Exercise aim: Exact copies of the line with "22.2, 0.0), z_axis=(0.0, 0.0, 1.0), x_axis=(0.0, 1.0, 0.0)))" and of all lines after it through the end of the entries are required, and no other lines.

- - - - - - -

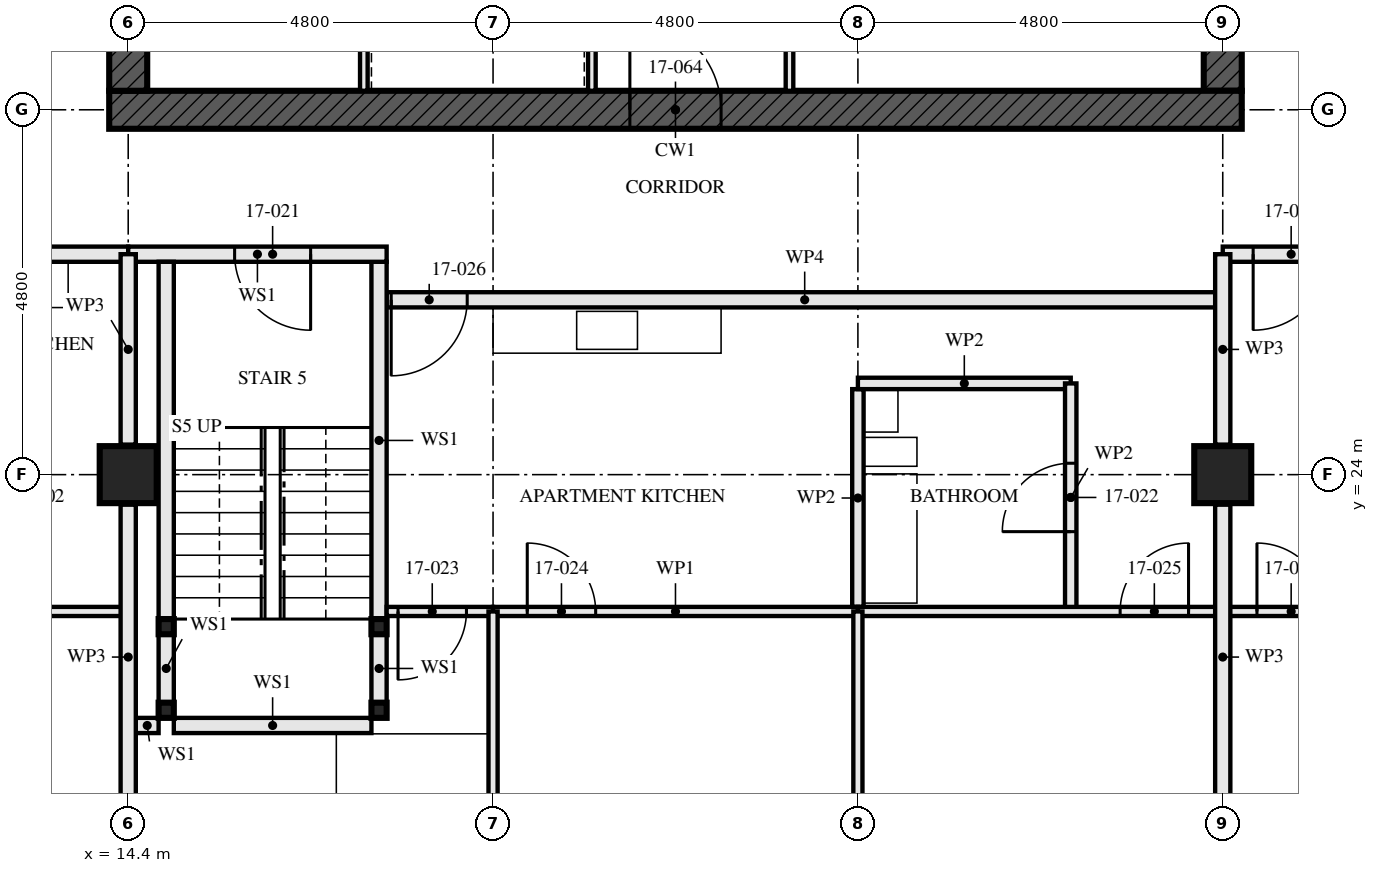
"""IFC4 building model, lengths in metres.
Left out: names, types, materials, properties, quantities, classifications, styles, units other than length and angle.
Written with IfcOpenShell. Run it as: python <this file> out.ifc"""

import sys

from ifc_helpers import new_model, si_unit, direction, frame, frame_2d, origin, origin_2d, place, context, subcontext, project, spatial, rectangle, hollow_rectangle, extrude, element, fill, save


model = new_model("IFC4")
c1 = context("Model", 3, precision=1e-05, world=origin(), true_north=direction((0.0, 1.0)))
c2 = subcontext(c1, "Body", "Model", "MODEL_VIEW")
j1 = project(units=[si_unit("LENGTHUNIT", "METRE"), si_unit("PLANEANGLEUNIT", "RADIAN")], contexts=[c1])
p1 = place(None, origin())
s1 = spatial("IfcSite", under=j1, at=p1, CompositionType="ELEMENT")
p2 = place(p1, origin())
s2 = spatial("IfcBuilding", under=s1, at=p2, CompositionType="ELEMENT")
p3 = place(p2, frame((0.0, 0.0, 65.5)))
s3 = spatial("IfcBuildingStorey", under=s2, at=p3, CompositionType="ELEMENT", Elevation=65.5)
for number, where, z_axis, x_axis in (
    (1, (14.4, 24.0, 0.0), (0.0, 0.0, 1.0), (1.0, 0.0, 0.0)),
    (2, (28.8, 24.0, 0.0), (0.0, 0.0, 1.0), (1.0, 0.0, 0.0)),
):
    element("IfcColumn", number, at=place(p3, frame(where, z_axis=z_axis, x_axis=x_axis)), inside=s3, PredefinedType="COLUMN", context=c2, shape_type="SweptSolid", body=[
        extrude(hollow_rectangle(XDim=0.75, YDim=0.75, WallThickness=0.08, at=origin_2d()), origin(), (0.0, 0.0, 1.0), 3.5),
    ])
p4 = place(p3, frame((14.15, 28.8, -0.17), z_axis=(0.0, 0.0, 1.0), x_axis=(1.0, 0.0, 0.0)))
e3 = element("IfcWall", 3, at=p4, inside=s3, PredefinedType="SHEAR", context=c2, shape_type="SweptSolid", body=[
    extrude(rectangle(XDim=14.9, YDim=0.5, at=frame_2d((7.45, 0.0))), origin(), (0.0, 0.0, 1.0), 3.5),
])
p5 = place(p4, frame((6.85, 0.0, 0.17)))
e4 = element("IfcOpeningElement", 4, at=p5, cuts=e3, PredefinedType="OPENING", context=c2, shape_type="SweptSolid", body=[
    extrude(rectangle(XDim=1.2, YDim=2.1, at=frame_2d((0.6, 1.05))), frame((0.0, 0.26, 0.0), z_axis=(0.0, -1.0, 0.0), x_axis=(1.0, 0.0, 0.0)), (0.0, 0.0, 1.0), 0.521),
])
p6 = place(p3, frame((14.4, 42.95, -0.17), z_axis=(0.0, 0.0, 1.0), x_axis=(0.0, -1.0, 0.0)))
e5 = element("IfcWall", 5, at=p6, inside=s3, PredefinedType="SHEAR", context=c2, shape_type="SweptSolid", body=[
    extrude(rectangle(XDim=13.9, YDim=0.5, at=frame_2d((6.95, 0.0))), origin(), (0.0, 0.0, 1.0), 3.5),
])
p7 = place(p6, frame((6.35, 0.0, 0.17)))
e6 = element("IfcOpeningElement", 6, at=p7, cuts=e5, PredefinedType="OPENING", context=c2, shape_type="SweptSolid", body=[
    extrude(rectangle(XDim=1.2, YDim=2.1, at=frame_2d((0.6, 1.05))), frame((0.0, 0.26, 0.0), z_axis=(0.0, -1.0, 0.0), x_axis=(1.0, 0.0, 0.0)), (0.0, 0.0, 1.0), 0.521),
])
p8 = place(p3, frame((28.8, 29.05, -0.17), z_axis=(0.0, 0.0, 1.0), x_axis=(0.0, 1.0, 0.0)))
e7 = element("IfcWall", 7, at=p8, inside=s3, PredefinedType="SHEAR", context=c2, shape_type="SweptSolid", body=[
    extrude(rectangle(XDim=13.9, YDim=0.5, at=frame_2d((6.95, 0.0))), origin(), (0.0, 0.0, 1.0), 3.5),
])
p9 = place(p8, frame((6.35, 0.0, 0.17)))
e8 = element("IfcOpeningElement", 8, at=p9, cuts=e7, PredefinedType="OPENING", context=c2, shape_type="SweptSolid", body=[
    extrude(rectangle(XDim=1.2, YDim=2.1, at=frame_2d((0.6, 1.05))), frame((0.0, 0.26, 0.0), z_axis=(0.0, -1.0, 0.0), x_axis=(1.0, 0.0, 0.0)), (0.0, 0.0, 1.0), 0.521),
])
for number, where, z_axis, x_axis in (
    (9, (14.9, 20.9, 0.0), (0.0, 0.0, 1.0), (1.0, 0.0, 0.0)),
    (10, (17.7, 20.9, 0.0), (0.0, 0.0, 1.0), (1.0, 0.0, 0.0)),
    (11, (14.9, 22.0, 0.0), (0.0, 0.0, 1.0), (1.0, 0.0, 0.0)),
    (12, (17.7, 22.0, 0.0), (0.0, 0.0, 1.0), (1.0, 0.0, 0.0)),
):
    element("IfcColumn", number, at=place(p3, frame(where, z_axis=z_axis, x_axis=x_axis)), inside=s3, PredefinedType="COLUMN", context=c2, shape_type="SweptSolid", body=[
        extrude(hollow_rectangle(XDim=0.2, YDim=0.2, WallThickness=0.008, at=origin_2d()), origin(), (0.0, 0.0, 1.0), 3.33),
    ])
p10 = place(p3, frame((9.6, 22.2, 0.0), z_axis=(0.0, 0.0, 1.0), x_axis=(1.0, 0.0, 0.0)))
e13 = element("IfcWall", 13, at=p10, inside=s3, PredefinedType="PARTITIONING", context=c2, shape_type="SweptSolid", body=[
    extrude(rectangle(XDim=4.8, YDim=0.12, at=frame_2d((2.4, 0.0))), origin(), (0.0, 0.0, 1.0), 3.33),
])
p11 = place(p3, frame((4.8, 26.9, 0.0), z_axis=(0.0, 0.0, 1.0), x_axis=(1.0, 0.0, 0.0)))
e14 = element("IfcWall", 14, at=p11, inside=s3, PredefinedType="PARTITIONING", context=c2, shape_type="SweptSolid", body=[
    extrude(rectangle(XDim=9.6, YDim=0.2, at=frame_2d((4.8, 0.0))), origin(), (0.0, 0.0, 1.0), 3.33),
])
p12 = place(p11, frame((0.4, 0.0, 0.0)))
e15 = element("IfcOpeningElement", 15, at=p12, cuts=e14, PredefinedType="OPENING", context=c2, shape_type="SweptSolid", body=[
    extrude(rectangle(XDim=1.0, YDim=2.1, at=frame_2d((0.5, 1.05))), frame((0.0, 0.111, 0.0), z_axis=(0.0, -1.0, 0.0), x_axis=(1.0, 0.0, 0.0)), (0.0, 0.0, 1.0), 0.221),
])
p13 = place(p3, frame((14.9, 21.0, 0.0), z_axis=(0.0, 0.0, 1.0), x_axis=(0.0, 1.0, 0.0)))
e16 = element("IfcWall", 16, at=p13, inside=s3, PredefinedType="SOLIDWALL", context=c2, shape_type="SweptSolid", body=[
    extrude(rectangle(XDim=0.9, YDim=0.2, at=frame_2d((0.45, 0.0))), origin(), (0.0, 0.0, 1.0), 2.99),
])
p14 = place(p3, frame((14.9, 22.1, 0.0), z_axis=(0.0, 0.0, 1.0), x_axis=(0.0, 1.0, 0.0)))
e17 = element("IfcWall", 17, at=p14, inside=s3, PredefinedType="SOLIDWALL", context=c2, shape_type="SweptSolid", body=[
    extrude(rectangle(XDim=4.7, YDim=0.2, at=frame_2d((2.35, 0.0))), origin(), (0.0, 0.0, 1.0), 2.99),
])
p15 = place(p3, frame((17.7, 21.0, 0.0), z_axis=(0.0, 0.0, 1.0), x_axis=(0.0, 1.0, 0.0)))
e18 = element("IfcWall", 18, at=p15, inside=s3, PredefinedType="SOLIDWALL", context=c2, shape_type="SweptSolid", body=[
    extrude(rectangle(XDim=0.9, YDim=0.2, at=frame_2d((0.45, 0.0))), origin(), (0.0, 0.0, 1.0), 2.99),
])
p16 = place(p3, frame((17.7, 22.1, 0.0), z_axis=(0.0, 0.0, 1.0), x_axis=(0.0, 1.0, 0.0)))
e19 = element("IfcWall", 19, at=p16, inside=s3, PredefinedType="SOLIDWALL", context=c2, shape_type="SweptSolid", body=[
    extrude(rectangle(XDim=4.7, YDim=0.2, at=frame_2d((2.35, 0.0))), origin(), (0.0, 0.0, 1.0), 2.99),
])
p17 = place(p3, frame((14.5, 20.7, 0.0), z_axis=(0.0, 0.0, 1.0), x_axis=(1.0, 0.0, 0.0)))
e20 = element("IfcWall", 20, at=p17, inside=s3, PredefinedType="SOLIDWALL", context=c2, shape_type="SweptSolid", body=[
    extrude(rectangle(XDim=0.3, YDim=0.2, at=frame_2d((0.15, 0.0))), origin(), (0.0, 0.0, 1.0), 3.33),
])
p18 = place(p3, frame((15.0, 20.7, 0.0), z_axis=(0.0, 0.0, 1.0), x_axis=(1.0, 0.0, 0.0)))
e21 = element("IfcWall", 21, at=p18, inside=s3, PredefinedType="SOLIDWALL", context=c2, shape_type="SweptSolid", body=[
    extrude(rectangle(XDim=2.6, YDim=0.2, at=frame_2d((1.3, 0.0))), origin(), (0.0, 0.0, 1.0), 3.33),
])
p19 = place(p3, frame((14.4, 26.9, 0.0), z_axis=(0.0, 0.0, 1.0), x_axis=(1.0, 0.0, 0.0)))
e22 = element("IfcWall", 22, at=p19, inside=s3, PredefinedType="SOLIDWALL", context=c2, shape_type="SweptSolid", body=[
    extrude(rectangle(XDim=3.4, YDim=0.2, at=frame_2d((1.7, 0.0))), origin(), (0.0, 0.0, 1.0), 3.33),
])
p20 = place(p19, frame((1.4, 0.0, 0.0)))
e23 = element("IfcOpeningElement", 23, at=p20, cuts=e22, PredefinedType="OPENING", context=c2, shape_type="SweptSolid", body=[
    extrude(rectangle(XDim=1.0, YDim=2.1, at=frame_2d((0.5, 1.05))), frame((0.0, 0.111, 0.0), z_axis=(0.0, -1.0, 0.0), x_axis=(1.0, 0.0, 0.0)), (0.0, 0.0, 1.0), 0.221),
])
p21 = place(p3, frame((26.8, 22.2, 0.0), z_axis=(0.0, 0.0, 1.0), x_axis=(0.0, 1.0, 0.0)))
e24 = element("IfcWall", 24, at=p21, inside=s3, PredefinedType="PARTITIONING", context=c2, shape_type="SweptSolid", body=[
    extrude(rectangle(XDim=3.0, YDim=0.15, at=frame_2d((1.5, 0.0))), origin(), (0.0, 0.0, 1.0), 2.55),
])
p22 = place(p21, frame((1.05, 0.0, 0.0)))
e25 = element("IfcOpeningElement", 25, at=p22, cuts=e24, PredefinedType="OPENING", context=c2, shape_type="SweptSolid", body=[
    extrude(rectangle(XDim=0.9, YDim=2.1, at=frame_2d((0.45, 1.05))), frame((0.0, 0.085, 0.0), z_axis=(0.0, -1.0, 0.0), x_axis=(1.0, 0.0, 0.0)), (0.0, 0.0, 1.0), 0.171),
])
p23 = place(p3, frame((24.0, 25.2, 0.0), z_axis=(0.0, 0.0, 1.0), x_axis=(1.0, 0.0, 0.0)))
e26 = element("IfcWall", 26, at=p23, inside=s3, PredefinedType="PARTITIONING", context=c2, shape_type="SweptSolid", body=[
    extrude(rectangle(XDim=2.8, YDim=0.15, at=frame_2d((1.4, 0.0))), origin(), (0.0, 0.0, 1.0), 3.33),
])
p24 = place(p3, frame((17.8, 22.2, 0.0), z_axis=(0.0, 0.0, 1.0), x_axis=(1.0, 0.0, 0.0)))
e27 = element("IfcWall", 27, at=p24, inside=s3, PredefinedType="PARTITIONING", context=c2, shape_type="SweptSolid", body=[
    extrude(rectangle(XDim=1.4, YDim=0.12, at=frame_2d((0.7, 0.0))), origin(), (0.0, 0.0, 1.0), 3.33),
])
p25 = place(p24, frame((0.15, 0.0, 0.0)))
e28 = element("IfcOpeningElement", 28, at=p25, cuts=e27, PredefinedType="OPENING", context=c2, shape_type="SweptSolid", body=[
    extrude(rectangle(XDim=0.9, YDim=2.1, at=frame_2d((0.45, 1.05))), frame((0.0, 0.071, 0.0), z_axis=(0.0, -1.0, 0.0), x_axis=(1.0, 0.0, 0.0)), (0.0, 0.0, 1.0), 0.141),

- - - - - - -

Response box:
p21 = place(p3, frame((26.8, 22.2, 0.0), z_axis=(0.0, 0.0, 1.0), x_axis=(0.0, 1.0, 0.0)))
e24 = element("IfcWall", 24, at=p21, inside=s3, PredefinedType="PARTITIONING", context=c2, shape_type="SweptSolid", body=[
    extrude(rectangle(XDim=3.0, YDim=0.15, at=frame_2d((1.5, 0.0))), origin(), (0.0, 0.0, 1.0), 2.55),
])
p22 = place(p21, frame((1.05, 0.0, 0.0)))
e25 = element("IfcOpeningElement", 25, at=p22, cuts=e24, PredefinedType="OPENING", context=c2, shape_type="SweptSolid", body=[
    extrude(rectangle(XDim=0.9, YDim=2.1, at=frame_2d((0.45, 1.05))), frame((0.0, 0.085, 0.0), z_axis=(0.0, -1.0, 0.0), x_axis=(1.0, 0.0, 0.0)), (0.0, 0.0, 1.0), 0.171),
])
p23 = place(p3, frame((24.0, 25.2, 0.0), z_axis=(0.0, 0.0, 1.0), x_axis=(1.0, 0.0, 0.0)))
e26 = element("IfcWall", 26, at=p23, inside=s3, PredefinedType="PARTITIONING", context=c2, shape_type="SweptSolid", body=[
    extrude(rectangle(XDim=2.8, YDim=0.15, at=frame_2d((1.4, 0.0))), origin(), (0.0, 0.0, 1.0), 3.33),
])
p24 = place(p3, frame((17.8, 22.2, 0.0), z_axis=(0.0, 0.0, 1.0), x_axis=(1.0, 0.0, 0.0)))
e27 = element("IfcWall", 27, at=p24, inside=s3, PredefinedType="PARTITIONING", context=c2, shape_type="SweptSolid", body=[
    extrude(rectangle(XDim=1.4, YDim=0.12, at=frame_2d((0.7, 0.0))), origin(), (0.0, 0.0, 1.0), 3.33),
])
p25 = place(p24, frame((0.15, 0.0, 0.0)))
e28 = element("IfcOpeningElement", 28, at=p25, cuts=e27, PredefinedType="OPENING", context=c2, shape_type="SweptSolid", body=[
    extrude(rectangle(XDim=0.9, YDim=2.1, at=frame_2d((0.45, 1.05))), frame((0.0, 0.071, 0.0), z_axis=(0.0, -1.0, 0.0), x_axis=(1.0, 0.0, 0.0)), (0.0, 0.0, 1.0), 0.141),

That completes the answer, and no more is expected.